Whenever the string "transform" turns up in a line below, that line should be copied.

Data:
• • • • • • •
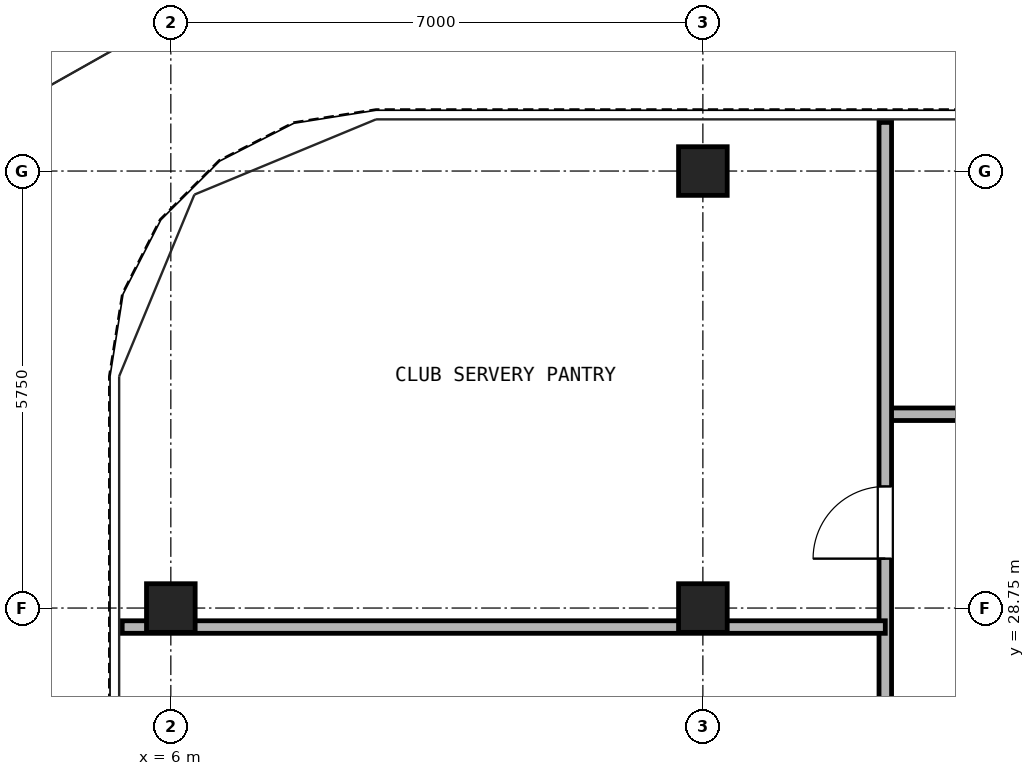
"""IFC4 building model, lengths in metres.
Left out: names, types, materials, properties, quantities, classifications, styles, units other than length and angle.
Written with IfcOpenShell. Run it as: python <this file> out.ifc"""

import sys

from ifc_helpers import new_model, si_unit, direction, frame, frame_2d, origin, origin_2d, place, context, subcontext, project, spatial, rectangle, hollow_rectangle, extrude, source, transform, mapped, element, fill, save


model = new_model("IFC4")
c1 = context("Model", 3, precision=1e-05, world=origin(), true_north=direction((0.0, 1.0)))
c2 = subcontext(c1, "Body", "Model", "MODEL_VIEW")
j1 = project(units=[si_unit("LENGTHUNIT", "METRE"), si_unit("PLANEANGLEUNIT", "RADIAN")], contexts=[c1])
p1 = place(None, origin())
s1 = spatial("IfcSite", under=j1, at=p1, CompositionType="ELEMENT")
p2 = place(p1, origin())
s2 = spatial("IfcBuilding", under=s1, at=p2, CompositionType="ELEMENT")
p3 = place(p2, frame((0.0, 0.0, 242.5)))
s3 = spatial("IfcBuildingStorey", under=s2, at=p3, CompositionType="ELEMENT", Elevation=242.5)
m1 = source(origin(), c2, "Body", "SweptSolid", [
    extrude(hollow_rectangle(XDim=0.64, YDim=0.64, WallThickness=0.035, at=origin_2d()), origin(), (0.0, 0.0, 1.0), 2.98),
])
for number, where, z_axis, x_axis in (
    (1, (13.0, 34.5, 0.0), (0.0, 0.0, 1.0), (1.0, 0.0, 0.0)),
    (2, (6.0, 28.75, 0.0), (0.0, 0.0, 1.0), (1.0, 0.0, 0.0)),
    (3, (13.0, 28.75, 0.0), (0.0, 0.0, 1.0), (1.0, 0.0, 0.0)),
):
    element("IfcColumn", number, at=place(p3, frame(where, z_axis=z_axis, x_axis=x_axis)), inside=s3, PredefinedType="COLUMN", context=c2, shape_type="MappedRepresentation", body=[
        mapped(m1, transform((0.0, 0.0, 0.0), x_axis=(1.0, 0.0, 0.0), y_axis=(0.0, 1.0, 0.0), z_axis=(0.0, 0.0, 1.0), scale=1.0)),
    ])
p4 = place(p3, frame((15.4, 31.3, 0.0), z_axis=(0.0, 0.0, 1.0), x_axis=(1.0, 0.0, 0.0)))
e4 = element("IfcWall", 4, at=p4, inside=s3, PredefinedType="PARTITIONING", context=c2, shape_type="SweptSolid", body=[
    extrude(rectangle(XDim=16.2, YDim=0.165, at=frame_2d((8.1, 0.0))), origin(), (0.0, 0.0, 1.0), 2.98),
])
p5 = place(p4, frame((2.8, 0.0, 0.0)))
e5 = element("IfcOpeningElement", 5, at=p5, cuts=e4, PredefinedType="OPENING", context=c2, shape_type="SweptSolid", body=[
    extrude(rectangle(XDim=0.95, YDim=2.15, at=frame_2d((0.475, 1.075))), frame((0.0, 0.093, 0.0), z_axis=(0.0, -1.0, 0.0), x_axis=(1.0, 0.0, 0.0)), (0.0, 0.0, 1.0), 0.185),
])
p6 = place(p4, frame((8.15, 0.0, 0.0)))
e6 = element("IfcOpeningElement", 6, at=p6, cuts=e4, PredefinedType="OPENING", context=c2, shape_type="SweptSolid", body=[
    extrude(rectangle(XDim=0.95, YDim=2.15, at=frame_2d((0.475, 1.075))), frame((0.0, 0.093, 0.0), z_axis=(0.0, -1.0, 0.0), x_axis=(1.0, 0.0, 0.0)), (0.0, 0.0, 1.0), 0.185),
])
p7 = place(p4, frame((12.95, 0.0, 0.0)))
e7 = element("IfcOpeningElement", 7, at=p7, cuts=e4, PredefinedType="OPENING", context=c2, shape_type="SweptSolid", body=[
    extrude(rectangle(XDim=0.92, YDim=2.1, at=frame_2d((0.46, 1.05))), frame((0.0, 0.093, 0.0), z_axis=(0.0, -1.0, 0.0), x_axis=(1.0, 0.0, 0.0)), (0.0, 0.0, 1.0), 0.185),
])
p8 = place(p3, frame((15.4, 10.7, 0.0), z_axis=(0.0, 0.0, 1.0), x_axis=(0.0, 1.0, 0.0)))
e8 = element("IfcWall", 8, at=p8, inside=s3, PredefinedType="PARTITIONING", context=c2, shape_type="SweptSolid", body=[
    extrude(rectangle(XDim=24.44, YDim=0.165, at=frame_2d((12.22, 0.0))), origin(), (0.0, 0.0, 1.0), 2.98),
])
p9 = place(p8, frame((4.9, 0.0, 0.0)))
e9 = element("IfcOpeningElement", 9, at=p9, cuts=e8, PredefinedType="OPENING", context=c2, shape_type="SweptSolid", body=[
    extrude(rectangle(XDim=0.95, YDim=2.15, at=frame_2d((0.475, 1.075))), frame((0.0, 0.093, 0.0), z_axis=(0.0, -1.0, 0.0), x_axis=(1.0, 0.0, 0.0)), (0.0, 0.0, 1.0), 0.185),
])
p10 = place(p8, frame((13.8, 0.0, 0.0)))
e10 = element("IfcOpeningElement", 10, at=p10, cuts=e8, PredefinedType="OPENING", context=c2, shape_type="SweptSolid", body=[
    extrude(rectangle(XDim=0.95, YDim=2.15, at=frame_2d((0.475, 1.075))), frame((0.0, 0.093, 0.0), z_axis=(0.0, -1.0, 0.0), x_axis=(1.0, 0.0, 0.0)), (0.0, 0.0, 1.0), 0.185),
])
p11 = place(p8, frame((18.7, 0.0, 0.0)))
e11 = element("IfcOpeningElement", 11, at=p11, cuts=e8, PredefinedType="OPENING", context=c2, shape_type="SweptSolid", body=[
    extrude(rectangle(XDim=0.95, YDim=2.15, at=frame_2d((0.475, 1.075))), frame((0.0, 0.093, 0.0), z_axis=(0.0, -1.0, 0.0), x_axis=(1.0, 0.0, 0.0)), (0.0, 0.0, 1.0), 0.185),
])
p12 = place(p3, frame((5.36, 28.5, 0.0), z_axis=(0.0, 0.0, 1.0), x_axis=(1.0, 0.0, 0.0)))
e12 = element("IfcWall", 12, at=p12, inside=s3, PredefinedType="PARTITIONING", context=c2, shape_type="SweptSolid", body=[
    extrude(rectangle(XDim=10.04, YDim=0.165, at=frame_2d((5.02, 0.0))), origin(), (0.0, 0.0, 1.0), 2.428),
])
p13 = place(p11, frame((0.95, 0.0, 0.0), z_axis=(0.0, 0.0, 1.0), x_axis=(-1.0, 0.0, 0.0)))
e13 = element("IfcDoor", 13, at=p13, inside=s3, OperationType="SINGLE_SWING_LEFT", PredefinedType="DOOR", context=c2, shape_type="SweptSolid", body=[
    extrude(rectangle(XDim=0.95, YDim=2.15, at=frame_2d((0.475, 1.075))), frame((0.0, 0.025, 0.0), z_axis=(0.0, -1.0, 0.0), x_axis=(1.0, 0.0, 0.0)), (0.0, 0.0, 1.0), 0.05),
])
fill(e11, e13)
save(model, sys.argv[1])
• • • • • • •
Exercise response:
from ifc_helpers import new_model, si_unit, direction, frame, frame_2d, origin, origin_2d, place, context, subcontext, project, spatial, rectangle, hollow_rectangle, extrude, source, transform, mapped, element, fill, save
        mapped(m1, transform((0.0, 0.0, 0.0), x_axis=(1.0, 0.0, 0.0), y_axis=(0.0, 1.0, 0.0), z_axis=(0.0, 0.0, 1.0), scale=1.0)),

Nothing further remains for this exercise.